→ **Aim of the exercise**: Aside from the pictures, the entries should be given again exactly.

= Beginning of Section =

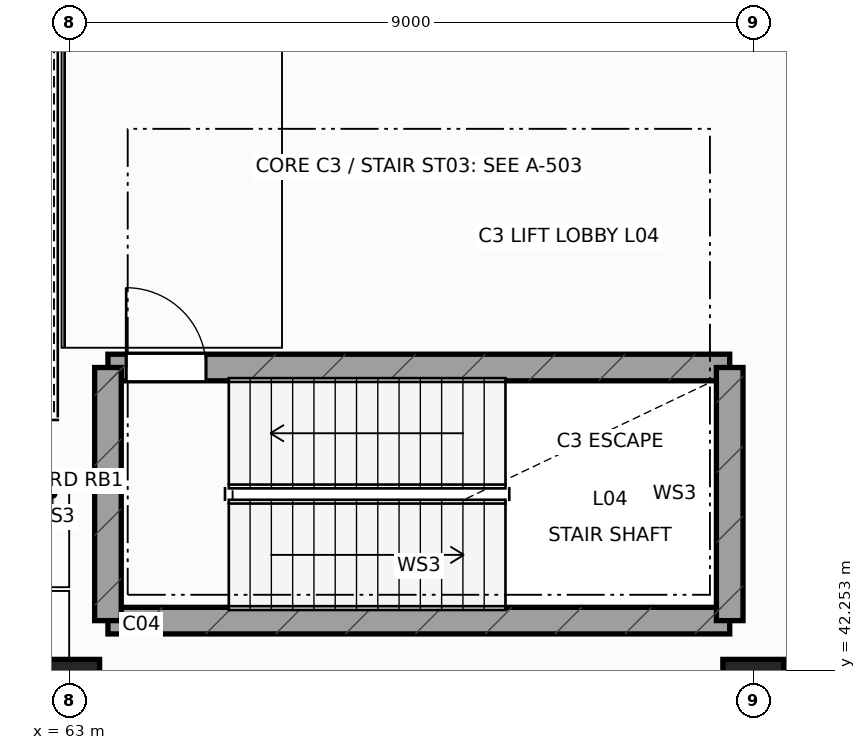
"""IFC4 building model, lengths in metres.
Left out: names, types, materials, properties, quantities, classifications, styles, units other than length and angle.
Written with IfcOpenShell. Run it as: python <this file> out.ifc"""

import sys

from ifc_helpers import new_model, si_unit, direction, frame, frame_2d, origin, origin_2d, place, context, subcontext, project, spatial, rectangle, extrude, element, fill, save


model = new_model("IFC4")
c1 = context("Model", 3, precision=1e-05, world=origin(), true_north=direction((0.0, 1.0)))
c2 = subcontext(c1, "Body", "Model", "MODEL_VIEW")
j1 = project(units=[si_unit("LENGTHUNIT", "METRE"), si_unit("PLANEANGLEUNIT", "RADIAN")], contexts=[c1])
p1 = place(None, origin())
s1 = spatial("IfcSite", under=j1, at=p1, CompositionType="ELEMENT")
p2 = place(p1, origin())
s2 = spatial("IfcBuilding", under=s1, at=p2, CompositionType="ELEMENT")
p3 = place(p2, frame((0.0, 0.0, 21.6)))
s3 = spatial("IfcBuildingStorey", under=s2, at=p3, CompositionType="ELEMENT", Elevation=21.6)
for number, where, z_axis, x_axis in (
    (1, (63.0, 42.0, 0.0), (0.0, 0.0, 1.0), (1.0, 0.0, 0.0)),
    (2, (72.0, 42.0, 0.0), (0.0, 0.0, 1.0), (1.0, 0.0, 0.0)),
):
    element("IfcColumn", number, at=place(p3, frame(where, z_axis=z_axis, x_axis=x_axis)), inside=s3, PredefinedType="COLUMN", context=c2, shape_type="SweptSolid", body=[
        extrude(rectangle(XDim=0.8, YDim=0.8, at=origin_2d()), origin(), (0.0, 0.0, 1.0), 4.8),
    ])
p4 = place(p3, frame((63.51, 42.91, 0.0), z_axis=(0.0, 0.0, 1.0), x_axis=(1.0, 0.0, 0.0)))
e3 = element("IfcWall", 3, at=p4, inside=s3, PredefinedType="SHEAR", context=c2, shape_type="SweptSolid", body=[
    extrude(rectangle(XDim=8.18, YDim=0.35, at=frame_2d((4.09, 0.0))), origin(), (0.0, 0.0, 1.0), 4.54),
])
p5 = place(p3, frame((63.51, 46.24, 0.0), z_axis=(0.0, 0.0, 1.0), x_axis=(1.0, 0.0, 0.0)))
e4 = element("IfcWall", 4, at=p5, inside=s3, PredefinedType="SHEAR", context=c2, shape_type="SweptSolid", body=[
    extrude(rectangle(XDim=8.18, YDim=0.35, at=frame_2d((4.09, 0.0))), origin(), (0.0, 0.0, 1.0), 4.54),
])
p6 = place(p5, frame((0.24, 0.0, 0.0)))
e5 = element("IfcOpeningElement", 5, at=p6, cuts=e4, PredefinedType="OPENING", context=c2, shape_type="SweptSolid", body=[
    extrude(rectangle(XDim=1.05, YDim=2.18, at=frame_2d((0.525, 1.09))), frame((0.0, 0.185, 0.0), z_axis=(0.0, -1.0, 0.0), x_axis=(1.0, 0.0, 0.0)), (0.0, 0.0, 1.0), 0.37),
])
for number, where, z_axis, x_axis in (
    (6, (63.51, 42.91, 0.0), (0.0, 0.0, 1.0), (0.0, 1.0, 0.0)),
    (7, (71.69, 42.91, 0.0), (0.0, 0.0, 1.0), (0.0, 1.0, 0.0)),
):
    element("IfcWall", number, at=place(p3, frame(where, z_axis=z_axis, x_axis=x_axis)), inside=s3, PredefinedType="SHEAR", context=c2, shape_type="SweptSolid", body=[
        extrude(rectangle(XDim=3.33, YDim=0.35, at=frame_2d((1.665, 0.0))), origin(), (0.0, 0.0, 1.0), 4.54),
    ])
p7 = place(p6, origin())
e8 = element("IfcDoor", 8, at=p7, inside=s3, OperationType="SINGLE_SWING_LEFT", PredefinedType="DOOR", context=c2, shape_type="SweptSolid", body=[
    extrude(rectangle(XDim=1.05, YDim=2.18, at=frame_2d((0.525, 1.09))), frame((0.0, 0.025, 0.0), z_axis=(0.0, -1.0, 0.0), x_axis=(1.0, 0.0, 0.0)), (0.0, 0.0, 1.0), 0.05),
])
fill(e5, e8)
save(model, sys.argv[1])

= End of Section =

→ **Final answer**:
"""IFC4 building model, lengths in metres.
Left out: names, types, materials, properties, quantities, classifications, styles, units other than length and angle.
Written with IfcOpenShell. Run it as: python <this file> out.ifc"""

import sys

from ifc_helpers import new_model, si_unit, direction, frame, frame_2d, origin, origin_2d, place, context, subcontext, project, spatial, rectangle, extrude, element, fill, save


model = new_model("IFC4")
c1 = context("Model", 3, precision=1e-05, world=origin(), true_north=direction((0.0, 1.0)))
c2 = subcontext(c1, "Body", "Model", "MODEL_VIEW")
j1 = project(units=[si_unit("LENGTHUNIT", "METRE"), si_unit("PLANEANGLEUNIT", "RADIAN")], contexts=[c1])
p1 = place(None, origin())
s1 = spatial("IfcSite", under=j1, at=p1, CompositionType="ELEMENT")
p2 = place(p1, origin())
s2 = spatial("IfcBuilding", under=s1, at=p2, CompositionType="ELEMENT")
p3 = place(p2, frame((0.0, 0.0, 21.6)))
s3 = spatial("IfcBuildingStorey", under=s2, at=p3, CompositionType="ELEMENT", Elevation=21.6)
for number, where, z_axis, x_axis in (
    (1, (63.0, 42.0, 0.0), (0.0, 0.0, 1.0), (1.0, 0.0, 0.0)),
    (2, (72.0, 42.0, 0.0), (0.0, 0.0, 1.0), (1.0, 0.0, 0.0)),
):
    element("IfcColumn", number, at=place(p3, frame(where, z_axis=z_axis, x_axis=x_axis)), inside=s3, PredefinedType="COLUMN", context=c2, shape_type="SweptSolid", body=[
        extrude(rectangle(XDim=0.8, YDim=0.8, at=origin_2d()), origin(), (0.0, 0.0, 1.0), 4.8),
    ])
p4 = place(p3, frame((63.51, 42.91, 0.0), z_axis=(0.0, 0.0, 1.0), x_axis=(1.0, 0.0, 0.0)))
e3 = element("IfcWall", 3, at=p4, inside=s3, PredefinedType="SHEAR", context=c2, shape_type="SweptSolid", body=[
    extrude(rectangle(XDim=8.18, YDim=0.35, at=frame_2d((4.09, 0.0))), origin(), (0.0, 0.0, 1.0), 4.54),
])
p5 = place(p3, frame((63.51, 46.24, 0.0), z_axis=(0.0, 0.0, 1.0), x_axis=(1.0, 0.0, 0.0)))
e4 = element("IfcWall", 4, at=p5, inside=s3, PredefinedType="SHEAR", context=c2, shape_type="SweptSolid", body=[
    extrude(rectangle(XDim=8.18, YDim=0.35, at=frame_2d((4.09, 0.0))), origin(), (0.0, 0.0, 1.0), 4.54),
])
p6 = place(p5, frame((0.24, 0.0, 0.0)))
e5 = element("IfcOpeningElement", 5, at=p6, cuts=e4, PredefinedType="OPENING", context=c2, shape_type="SweptSolid", body=[
    extrude(rectangle(XDim=1.05, YDim=2.18, at=frame_2d((0.525, 1.09))), frame((0.0, 0.185, 0.0), z_axis=(0.0, -1.0, 0.0), x_axis=(1.0, 0.0, 0.0)), (0.0, 0.0, 1.0), 0.37),
])
for number, where, z_axis, x_axis in (
    (6, (63.51, 42.91, 0.0), (0.0, 0.0, 1.0), (0.0, 1.0, 0.0)),
    (7, (71.69, 42.91, 0.0), (0.0, 0.0, 1.0), (0.0, 1.0, 0.0)),
):
    element("IfcWall", number, at=place(p3, frame(where, z_axis=z_axis, x_axis=x_axis)), inside=s3, PredefinedType="SHEAR", context=c2, shape_type="SweptSolid", body=[
        extrude(rectangle(XDim=3.33, YDim=0.35, at=frame_2d((1.665, 0.0))), origin(), (0.0, 0.0, 1.0), 4.54),
    ])
p7 = place(p6, origin())
e8 = element("IfcDoor", 8, at=p7, inside=s3, OperationType="SINGLE_SWING_LEFT", PredefinedType="DOOR", context=c2, shape_type="SweptSolid", body=[
    extrude(rectangle(XDim=1.05, YDim=2.18, at=frame_2d((0.525, 1.09))), frame((0.0, 0.025, 0.0), z_axis=(0.0, -1.0, 0.0), x_axis=(1.0, 0.0, 0.0)), (0.0, 0.0, 1.0), 0.05),
])
fill(e5, e8)
save(model, sys.argv[1])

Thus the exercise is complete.